§ WHAT THIS TASK INVOLVES:
Report each line of the data below in which "fill" appears.

━━━━━━━━━━━━━━━━━━━━

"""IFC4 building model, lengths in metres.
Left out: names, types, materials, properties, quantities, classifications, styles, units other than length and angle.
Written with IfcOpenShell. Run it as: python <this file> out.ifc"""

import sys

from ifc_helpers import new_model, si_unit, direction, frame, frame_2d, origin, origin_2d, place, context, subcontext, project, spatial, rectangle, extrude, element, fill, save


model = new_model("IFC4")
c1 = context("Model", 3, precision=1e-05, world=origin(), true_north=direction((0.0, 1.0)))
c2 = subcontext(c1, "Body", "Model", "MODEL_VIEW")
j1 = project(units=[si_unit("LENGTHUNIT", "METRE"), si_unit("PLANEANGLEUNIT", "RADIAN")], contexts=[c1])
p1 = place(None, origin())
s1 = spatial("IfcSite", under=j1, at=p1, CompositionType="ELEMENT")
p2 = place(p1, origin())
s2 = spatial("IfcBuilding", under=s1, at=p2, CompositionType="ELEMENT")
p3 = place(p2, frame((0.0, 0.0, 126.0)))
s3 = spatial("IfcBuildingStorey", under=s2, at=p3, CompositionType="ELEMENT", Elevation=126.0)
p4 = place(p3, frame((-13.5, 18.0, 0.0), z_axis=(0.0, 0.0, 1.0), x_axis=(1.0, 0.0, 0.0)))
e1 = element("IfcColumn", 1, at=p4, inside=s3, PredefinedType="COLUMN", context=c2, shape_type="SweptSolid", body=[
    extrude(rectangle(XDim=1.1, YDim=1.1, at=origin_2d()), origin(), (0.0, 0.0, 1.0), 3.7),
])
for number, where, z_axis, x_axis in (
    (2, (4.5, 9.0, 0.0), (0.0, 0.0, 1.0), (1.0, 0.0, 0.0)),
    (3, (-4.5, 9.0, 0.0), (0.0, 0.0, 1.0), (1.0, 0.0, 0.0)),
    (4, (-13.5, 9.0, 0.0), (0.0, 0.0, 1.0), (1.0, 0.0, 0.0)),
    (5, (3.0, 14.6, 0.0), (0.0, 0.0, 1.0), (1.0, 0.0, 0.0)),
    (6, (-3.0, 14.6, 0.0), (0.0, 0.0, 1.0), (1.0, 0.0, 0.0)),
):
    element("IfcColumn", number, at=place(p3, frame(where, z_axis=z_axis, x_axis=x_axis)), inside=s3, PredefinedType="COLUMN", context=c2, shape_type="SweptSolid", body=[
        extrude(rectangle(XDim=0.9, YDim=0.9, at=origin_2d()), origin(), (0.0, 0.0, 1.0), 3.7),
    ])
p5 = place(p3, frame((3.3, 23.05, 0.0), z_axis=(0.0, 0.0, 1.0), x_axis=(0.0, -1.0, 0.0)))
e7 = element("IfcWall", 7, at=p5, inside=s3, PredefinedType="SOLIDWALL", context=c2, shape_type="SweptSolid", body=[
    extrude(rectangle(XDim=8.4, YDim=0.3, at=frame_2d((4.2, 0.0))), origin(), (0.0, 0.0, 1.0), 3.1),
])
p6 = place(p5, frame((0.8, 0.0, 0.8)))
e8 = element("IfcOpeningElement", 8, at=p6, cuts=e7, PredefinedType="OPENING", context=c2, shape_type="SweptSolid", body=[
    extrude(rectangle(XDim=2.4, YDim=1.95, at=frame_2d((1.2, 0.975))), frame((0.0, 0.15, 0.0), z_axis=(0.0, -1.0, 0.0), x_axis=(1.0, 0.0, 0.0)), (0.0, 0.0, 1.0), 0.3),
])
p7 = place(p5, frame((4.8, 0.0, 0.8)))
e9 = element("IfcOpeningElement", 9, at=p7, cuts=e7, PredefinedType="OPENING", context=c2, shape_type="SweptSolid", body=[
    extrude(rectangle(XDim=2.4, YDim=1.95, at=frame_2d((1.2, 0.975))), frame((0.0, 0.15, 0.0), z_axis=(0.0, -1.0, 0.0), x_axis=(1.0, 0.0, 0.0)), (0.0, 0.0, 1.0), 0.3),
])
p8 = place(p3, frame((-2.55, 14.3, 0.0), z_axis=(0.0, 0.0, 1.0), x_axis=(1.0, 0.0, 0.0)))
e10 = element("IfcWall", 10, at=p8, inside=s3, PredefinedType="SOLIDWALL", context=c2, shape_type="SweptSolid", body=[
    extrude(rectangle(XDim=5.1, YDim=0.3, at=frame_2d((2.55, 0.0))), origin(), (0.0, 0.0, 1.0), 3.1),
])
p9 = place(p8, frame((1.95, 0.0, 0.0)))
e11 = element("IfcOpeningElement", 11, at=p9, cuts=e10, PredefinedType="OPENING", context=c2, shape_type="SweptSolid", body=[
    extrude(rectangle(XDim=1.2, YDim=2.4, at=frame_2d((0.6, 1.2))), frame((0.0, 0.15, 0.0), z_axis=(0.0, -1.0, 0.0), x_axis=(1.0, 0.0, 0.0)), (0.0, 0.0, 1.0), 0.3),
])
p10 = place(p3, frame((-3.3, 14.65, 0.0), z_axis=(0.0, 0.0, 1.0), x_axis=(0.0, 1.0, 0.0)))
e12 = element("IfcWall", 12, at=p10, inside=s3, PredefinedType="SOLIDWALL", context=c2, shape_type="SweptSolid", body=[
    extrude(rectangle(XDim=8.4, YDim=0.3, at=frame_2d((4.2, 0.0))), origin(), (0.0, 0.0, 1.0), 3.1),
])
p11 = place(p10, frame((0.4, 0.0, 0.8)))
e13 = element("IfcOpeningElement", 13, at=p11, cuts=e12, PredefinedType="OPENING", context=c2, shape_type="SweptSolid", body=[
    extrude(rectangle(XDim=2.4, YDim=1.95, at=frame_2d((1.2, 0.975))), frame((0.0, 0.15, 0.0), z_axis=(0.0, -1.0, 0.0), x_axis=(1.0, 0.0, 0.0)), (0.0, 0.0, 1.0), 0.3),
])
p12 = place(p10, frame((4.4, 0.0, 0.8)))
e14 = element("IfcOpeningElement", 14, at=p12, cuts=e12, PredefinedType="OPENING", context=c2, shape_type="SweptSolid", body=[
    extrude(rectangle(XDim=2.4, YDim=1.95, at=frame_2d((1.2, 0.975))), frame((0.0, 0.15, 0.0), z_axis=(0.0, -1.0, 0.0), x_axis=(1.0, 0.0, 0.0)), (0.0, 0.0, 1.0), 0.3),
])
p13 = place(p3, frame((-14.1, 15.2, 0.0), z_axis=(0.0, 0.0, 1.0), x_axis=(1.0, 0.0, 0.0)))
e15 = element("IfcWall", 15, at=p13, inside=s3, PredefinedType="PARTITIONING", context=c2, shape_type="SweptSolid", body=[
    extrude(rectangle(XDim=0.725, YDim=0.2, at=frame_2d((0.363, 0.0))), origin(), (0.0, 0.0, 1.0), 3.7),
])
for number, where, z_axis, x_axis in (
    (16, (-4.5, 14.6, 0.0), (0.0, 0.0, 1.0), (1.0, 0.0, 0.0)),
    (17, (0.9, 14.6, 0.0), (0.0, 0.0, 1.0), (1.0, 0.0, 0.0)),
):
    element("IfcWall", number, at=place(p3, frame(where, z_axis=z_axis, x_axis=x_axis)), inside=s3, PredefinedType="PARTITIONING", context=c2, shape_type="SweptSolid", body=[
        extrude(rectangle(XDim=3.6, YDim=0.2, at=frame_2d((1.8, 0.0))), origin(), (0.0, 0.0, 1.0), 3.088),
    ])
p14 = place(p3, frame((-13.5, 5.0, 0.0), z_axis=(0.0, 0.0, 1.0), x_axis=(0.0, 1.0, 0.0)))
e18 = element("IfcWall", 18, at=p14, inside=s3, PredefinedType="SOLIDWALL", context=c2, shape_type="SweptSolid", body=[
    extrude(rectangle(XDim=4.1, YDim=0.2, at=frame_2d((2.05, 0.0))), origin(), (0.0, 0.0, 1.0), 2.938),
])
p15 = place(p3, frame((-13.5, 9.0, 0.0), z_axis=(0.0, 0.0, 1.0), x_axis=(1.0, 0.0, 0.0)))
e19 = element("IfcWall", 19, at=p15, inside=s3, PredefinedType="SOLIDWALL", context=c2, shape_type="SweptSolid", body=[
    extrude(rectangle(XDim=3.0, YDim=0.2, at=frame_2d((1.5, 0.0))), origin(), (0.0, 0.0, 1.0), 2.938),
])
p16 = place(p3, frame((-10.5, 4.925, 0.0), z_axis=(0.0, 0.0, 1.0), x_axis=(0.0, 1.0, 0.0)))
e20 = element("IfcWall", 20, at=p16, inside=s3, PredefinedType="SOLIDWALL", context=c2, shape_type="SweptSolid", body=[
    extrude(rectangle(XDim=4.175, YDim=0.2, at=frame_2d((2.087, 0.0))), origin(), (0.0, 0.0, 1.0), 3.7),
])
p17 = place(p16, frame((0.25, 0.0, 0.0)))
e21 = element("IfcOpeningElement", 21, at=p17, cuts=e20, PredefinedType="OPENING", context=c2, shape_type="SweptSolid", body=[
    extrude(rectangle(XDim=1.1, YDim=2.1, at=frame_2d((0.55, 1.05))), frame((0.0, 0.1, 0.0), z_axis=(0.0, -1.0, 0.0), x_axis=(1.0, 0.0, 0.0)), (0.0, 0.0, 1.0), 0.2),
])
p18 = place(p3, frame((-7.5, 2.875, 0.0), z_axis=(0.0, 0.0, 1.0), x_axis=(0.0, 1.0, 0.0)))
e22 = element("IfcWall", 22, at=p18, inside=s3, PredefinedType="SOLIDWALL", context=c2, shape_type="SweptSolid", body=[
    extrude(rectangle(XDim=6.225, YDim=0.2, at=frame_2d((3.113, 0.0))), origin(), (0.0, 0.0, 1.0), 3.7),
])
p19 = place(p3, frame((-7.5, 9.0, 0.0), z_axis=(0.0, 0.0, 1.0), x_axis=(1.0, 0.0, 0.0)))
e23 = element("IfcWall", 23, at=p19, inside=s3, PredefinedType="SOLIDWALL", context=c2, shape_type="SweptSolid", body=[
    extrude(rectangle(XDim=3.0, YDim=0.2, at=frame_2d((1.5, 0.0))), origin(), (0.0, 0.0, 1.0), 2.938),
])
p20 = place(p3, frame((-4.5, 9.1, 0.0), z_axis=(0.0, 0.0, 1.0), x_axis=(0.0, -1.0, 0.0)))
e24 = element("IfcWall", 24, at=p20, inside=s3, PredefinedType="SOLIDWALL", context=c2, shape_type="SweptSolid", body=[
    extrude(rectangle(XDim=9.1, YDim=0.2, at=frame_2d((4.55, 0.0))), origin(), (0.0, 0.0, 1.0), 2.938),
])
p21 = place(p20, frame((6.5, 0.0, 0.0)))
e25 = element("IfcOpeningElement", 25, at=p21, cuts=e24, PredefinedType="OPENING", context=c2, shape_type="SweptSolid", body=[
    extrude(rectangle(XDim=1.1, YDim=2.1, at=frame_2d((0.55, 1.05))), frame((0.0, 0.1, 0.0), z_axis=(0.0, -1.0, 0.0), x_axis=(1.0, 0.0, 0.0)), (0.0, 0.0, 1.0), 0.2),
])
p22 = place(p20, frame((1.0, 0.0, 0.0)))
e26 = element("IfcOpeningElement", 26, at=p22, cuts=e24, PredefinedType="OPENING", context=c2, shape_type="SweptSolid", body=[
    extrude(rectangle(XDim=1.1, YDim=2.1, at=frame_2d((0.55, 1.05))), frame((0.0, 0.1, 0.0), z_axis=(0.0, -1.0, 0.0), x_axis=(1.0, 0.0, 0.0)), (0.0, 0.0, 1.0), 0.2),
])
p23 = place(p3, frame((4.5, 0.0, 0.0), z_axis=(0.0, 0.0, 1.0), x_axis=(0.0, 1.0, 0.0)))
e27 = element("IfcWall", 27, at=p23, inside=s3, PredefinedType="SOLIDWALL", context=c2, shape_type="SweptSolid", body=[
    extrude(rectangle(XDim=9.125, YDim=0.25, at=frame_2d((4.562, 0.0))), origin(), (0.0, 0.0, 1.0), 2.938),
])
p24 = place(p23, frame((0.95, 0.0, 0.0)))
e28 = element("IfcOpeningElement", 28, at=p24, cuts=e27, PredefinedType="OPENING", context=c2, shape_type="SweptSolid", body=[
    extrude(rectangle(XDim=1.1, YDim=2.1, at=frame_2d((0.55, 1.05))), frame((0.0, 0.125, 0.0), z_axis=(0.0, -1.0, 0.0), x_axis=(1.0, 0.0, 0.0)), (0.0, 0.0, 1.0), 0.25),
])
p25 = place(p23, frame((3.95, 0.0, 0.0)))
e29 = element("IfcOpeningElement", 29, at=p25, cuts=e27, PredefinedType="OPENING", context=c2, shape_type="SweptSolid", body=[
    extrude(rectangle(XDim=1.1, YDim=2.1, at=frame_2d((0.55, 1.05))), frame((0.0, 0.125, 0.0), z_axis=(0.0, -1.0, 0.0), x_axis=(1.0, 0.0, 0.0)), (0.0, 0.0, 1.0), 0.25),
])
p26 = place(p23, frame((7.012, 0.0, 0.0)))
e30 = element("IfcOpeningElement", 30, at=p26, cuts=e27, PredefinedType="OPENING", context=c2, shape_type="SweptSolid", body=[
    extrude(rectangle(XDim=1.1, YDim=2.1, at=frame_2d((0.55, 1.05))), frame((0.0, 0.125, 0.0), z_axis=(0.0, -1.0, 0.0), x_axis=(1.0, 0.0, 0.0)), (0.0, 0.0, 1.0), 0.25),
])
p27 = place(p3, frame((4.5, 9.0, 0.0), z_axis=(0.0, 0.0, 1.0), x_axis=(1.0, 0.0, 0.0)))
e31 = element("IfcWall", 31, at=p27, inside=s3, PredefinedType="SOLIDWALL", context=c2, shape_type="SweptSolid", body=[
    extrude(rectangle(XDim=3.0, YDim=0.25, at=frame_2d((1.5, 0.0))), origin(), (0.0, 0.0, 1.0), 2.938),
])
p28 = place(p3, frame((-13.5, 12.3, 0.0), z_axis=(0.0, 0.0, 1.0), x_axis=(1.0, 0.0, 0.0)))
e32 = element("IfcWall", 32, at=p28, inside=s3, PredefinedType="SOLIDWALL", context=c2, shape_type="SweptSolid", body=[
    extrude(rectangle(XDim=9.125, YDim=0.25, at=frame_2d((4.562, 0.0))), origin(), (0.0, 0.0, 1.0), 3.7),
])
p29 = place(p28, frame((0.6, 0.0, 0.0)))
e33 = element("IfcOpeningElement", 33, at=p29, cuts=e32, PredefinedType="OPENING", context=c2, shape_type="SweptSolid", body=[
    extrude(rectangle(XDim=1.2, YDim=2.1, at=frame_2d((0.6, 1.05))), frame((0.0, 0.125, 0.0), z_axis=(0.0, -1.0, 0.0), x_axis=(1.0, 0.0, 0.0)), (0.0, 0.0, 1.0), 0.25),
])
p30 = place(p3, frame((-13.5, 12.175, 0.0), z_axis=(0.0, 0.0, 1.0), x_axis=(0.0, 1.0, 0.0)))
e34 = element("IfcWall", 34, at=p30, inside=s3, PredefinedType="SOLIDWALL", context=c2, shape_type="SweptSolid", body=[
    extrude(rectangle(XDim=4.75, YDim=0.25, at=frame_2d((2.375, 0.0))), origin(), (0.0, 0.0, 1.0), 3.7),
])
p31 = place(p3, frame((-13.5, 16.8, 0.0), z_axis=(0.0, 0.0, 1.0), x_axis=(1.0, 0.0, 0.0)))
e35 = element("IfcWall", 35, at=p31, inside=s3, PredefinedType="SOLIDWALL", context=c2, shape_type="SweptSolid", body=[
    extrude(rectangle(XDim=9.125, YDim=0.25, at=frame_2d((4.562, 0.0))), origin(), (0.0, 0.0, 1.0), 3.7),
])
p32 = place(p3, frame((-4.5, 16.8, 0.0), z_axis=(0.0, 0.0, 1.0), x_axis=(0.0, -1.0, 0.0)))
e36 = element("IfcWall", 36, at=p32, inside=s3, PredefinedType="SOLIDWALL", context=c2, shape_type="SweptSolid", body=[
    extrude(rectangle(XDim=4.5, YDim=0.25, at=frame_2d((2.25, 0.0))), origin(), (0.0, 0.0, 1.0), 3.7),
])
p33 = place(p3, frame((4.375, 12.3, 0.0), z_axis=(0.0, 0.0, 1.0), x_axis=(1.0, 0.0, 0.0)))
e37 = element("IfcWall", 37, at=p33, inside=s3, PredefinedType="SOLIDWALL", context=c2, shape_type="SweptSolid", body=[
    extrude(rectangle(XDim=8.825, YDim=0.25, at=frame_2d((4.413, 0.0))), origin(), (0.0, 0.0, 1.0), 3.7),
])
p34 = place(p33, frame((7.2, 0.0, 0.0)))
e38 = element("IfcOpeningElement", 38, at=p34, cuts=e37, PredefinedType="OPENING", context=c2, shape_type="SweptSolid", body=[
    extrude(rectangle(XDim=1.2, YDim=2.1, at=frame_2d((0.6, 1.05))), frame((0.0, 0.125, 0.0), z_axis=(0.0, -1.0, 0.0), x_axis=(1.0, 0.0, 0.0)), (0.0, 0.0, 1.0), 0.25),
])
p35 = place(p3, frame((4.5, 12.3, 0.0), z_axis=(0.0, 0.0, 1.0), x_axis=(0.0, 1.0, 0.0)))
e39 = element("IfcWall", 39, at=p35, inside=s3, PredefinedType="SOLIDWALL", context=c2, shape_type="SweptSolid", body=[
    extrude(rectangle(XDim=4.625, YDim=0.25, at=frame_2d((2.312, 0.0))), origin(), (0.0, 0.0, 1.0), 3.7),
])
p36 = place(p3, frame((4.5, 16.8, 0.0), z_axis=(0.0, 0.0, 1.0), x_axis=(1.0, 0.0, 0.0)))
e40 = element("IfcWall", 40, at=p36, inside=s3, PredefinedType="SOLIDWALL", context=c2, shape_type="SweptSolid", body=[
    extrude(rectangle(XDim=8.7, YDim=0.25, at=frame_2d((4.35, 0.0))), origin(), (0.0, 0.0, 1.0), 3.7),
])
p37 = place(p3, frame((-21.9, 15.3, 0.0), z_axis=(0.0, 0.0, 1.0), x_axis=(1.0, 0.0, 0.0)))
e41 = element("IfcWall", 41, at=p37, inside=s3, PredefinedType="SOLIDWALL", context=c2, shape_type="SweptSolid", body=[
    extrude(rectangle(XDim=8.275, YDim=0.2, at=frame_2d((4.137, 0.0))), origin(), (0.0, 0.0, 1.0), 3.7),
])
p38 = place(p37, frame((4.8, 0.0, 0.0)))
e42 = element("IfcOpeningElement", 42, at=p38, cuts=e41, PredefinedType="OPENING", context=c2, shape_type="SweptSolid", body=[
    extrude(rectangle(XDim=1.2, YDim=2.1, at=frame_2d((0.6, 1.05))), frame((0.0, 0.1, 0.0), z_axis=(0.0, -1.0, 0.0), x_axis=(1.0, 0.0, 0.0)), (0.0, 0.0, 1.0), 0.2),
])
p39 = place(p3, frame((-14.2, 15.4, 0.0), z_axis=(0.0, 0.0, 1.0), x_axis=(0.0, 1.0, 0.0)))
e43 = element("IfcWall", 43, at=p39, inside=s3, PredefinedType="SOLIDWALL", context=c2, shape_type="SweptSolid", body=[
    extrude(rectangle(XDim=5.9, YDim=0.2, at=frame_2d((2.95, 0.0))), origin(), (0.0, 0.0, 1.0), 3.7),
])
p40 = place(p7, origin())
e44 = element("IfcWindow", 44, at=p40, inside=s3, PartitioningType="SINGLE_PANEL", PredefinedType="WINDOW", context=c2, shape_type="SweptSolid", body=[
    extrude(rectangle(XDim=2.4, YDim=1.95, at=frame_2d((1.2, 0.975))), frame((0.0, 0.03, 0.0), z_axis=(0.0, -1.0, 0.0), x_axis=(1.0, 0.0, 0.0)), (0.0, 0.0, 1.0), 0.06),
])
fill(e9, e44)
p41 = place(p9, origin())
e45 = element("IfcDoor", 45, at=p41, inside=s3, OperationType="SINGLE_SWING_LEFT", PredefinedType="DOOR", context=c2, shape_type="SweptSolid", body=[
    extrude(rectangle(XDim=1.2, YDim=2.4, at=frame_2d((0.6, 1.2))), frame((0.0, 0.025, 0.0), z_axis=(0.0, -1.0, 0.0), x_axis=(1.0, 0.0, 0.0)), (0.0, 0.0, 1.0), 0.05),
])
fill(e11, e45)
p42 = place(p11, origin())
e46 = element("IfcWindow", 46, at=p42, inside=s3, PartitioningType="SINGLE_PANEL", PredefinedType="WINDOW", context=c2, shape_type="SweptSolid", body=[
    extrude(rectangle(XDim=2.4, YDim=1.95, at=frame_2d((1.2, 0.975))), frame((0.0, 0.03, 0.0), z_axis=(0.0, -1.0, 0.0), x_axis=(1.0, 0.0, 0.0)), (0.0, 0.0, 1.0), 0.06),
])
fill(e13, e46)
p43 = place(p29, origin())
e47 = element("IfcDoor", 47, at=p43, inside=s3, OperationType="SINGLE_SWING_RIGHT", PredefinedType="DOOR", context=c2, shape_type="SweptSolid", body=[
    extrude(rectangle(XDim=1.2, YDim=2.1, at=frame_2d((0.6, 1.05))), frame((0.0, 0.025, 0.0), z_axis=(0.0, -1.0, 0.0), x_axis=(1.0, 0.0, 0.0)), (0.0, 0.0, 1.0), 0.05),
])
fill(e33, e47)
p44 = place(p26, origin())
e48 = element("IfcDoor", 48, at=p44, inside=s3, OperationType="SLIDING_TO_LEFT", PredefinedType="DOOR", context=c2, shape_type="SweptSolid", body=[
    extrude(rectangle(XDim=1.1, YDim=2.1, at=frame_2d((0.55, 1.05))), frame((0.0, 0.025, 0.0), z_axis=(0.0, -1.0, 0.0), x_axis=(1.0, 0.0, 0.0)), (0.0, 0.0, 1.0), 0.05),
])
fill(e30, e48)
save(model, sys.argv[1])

━━━━━━━━━━━━━━━━━━━━

§ RESPONSE:
from ifc_helpers import new_model, si_unit, direction, frame, frame_2d, origin, origin_2d, place, context, subcontext, project, spatial, rectangle, extrude, element, fill, save
fill(e9, e44)
fill(e11, e45)
fill(e13, e46)
fill(e33, e47)
fill(e30, e48)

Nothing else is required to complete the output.